__PROBLEM STATEMENT__. All lines containing the string "IfcWall" must be copied from the entries.

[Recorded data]
* * * *
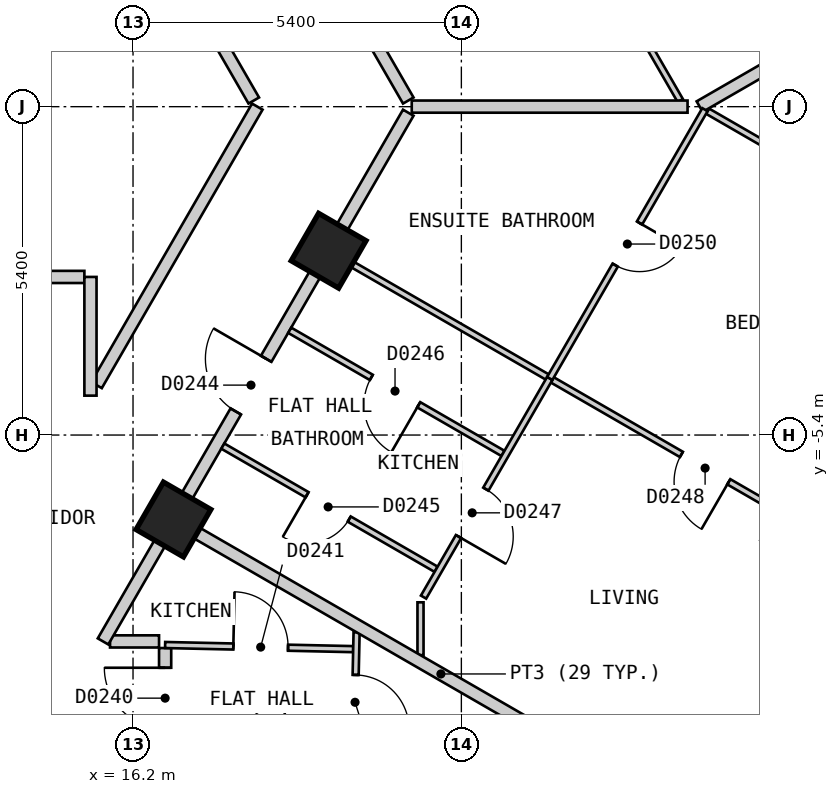
"""IFC4 building model, lengths in metres.
Left out: names, types, materials, properties, quantities, classifications, styles, units other than length and angle.
Written with IfcOpenShell. Run it as: python <this file> out.ifc"""

import sys

from ifc_helpers import new_model, si_unit, direction, frame, frame_2d, origin, origin_2d, place, context, subcontext, project, spatial, polyline, rectangle, outline, extrude, element, fill, save


model = new_model("IFC4")
c1 = context("Model", 3, precision=1e-05, world=origin(), true_north=direction((0.0, 1.0)))
c2 = subcontext(c1, "Body", "Model", "MODEL_VIEW")
j1 = project(units=[si_unit("LENGTHUNIT", "METRE"), si_unit("PLANEANGLEUNIT", "RADIAN")], contexts=[c1])
p1 = place(None, origin())
s1 = spatial("IfcSite", under=j1, at=p1, CompositionType="ELEMENT")
p2 = place(p1, origin())
s2 = spatial("IfcBuilding", under=s1, at=p2, CompositionType="ELEMENT")
p3 = place(p2, frame((0.0, 0.0, 47.4)))
s3 = spatial("IfcBuildingStorey", under=s2, at=p3, CompositionType="ELEMENT", Elevation=47.4)
for number, where, z_axis, x_axis in (
    (1, (16.865, -6.789, 0.0), (0.0, 0.0, 1.0), (0.5, 0.866, 0.0)),
    (2, (19.417, -2.369, 0.0), (0.0, 0.0, 1.0), (0.5, 0.866, 0.0)),
):
    element("IfcColumn", number, at=place(p3, frame(where, z_axis=z_axis, x_axis=x_axis)), inside=s3, PredefinedType="COLUMN", context=c2, shape_type="SweptSolid", body=[
        extrude(rectangle(XDim=0.9, YDim=0.9, at=origin_2d()), origin(), (0.0, 0.0, 1.0), 3.0),
    ])
p4 = place(p3, frame((17.71, -25.825, 0.0), z_axis=(0.0, 0.0, 1.0), x_axis=(0.500001938803, 0.866024284413, 0.0)))
e3 = element("IfcWall", 3, at=p4, inside=s3, PredefinedType="SOLIDWALL", context=c2, shape_type="SweptSolid", body=[
    extrude(outline(polyline([(0.0, -0.15), (27.02, -0.15), (26.94, 0.15), (0.08, 0.15), (0.0, -0.15)])), origin(), (0.0, 0.0, 1.0), 2.7),
])
p5 = place(p4, frame((1.277, 0.0, 0.15)))
e4 = element("IfcOpeningElement", 4, at=p5, cuts=e3, PredefinedType="OPENING", context=c2, shape_type="SweptSolid", body=[
    extrude(rectangle(XDim=1.5, YDim=2.1, at=frame_2d((0.75, 1.05))), frame((0.0, 0.16, 0.0), z_axis=(0.0, -1.0, 0.0), x_axis=(1.0, 0.0, 0.0)), (0.0, 0.0, 1.0), 0.32),
])
p6 = place(p4, frame((3.829, 0.0, 0.15)))
e5 = element("IfcOpeningElement", 5, at=p6, cuts=e3, PredefinedType="OPENING", context=c2, shape_type="SweptSolid", body=[
    extrude(rectangle(XDim=1.5, YDim=2.1, at=frame_2d((0.75, 1.05))), frame((0.0, 0.16, 0.0), z_axis=(0.0, -1.0, 0.0), x_axis=(1.0, 0.0, 0.0)), (0.0, 0.0, 1.0), 0.32),
])
p7 = place(p4, frame((6.382, 0.0, 0.15)))
e6 = element("IfcOpeningElement", 6, at=p7, cuts=e3, PredefinedType="OPENING", context=c2, shape_type="SweptSolid", body=[
    extrude(rectangle(XDim=1.5, YDim=2.1, at=frame_2d((0.75, 1.05))), frame((0.0, 0.16, 0.0), z_axis=(0.0, -1.0, 0.0), x_axis=(1.0, 0.0, 0.0)), (0.0, 0.0, 1.0), 0.32),
])
p8 = place(p4, frame((8.933, 0.0, 0.15)))
e7 = element("IfcOpeningElement", 7, at=p8, cuts=e3, PredefinedType="OPENING", context=c2, shape_type="SweptSolid", body=[
    extrude(rectangle(XDim=1.5, YDim=2.1, at=frame_2d((0.75, 1.05))), frame((0.0, 0.16, 0.0), z_axis=(0.0, -1.0, 0.0), x_axis=(1.0, 0.0, 0.0)), (0.0, 0.0, 1.0), 0.32),
])
p9 = place(p4, frame((11.485, 0.0, 0.15)))
e8 = element("IfcOpeningElement", 8, at=p9, cuts=e3, PredefinedType="OPENING", context=c2, shape_type="SweptSolid", body=[
    extrude(rectangle(XDim=1.5, YDim=2.1, at=frame_2d((0.75, 1.05))), frame((0.0, 0.16, 0.0), z_axis=(0.0, -1.0, 0.0), x_axis=(1.0, 0.0, 0.0)), (0.0, 0.0, 1.0), 0.32),
])
p10 = place(p4, frame((14.037, 0.0, 0.15)))
e9 = element("IfcOpeningElement", 9, at=p10, cuts=e3, PredefinedType="OPENING", context=c2, shape_type="SweptSolid", body=[
    extrude(rectangle(XDim=1.5, YDim=2.1, at=frame_2d((0.75, 1.05))), frame((0.0, 0.16, 0.0), z_axis=(0.0, -1.0, 0.0), x_axis=(1.0, 0.0, 0.0)), (0.0, 0.0, 1.0), 0.32),
])
p11 = place(p4, frame((16.589, 0.0, 0.15)))
e10 = element("IfcOpeningElement", 10, at=p11, cuts=e3, PredefinedType="OPENING", context=c2, shape_type="SweptSolid", body=[
    extrude(rectangle(XDim=1.5, YDim=2.1, at=frame_2d((0.75, 1.05))), frame((0.0, 0.16, 0.0), z_axis=(0.0, -1.0, 0.0), x_axis=(1.0, 0.0, 0.0)), (0.0, 0.0, 1.0), 0.32),
])
p12 = place(p4, frame((19.141, 0.0, 0.15)))
e11 = element("IfcOpeningElement", 11, at=p12, cuts=e3, PredefinedType="OPENING", context=c2, shape_type="SweptSolid", body=[
    extrude(rectangle(XDim=1.5, YDim=2.1, at=frame_2d((0.75, 1.05))), frame((0.0, 0.16, 0.0), z_axis=(0.0, -1.0, 0.0), x_axis=(1.0, 0.0, 0.0)), (0.0, 0.0, 1.0), 0.32),
])
p13 = place(p4, frame((21.693, 0.0, 0.15)))
e12 = element("IfcOpeningElement", 12, at=p13, cuts=e3, PredefinedType="OPENING", context=c2, shape_type="SweptSolid", body=[
    extrude(rectangle(XDim=1.5, YDim=2.1, at=frame_2d((0.75, 1.05))), frame((0.0, 0.16, 0.0), z_axis=(0.0, -1.0, 0.0), x_axis=(1.0, 0.0, 0.0)), (0.0, 0.0, 1.0), 0.32),
])
p14 = place(p4, frame((24.244, 0.0, 0.15)))
e13 = element("IfcOpeningElement", 13, at=p14, cuts=e3, PredefinedType="OPENING", context=c2, shape_type="SweptSolid", body=[
    extrude(rectangle(XDim=1.5, YDim=2.1, at=frame_2d((0.75, 1.05))), frame((0.0, 0.16, 0.0), z_axis=(0.0, -1.0, 0.0), x_axis=(1.0, 0.0, 0.0)), (0.0, 0.0, 1.0), 0.32),
])
p15 = place(p3, frame((9.18, 15.7, 0.0), z_axis=(0.0, 0.0, 1.0), x_axis=(0.500003652032, -0.866023295272, 0.0)))
e14 = element("IfcWall", 14, at=p15, inside=s3, PredefinedType="PARTITIONING", context=c2, shape_type="SweptSolid", body=[
    extrude(rectangle(XDim=18.012, YDim=0.2, at=frame_2d((9.006, 0.0))), origin(), (0.0, 0.0, 1.0), 2.7),
])
p16 = place(p15, frame((8.556, 0.0, 0.0)))
e15 = element("IfcOpeningElement", 15, at=p16, cuts=e14, PredefinedType="OPENING", context=c2, shape_type="SweptSolid", body=[
    extrude(rectangle(XDim=0.9, YDim=2.1, at=frame_2d((0.45, 1.05))), frame((0.0, 0.11, 0.0), z_axis=(0.0, -1.0, 0.0), x_axis=(1.0, 0.0, 0.0)), (0.0, 0.0, 1.0), 0.22),
])
p17 = place(p3, frame((10.45, 17.9, 0.0), z_axis=(0.0, 0.0, 1.0), x_axis=(0.500034352617, -0.866005569383, 0.0)))
e16 = element("IfcWall", 16, at=p17, inside=s3, PredefinedType="PARTITIONING", context=c2, shape_type="SweptSolid", body=[
    extrude(rectangle(XDim=20.553, YDim=0.2, at=frame_2d((10.276, 0.0))), origin(), (0.0, 0.0, 1.0), 2.7),
])
p18 = place(p17, frame((14.879, 0.0, 0.0)))
e17 = element("IfcOpeningElement", 17, at=p18, cuts=e16, PredefinedType="OPENING", context=c2, shape_type="SweptSolid", body=[
    extrude(rectangle(XDim=1.0, YDim=2.1, at=frame_2d((0.5, 1.05))), frame((0.0, 0.11, 0.0), z_axis=(0.0, -1.0, 0.0), x_axis=(1.0, 0.0, 0.0)), (0.0, 0.0, 1.0), 0.22),
])
p19 = place(p17, frame((9.775, 0.0, 0.0)))
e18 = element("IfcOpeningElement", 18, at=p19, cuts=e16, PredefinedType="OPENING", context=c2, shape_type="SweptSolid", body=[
* * * *
__RESPONSE__.
e3 = element("IfcWall", 3, at=p4, inside=s3, PredefinedType="SOLIDWALL", context=c2, shape_type="SweptSolid", body=[
e14 = element("IfcWall", 14, at=p15, inside=s3, PredefinedType="PARTITIONING", context=c2, shape_type="SweptSolid", body=[
e16 = element("IfcWall", 16, at=p17, inside=s3, PredefinedType="PARTITIONING", context=c2, shape_type="SweptSolid", body=[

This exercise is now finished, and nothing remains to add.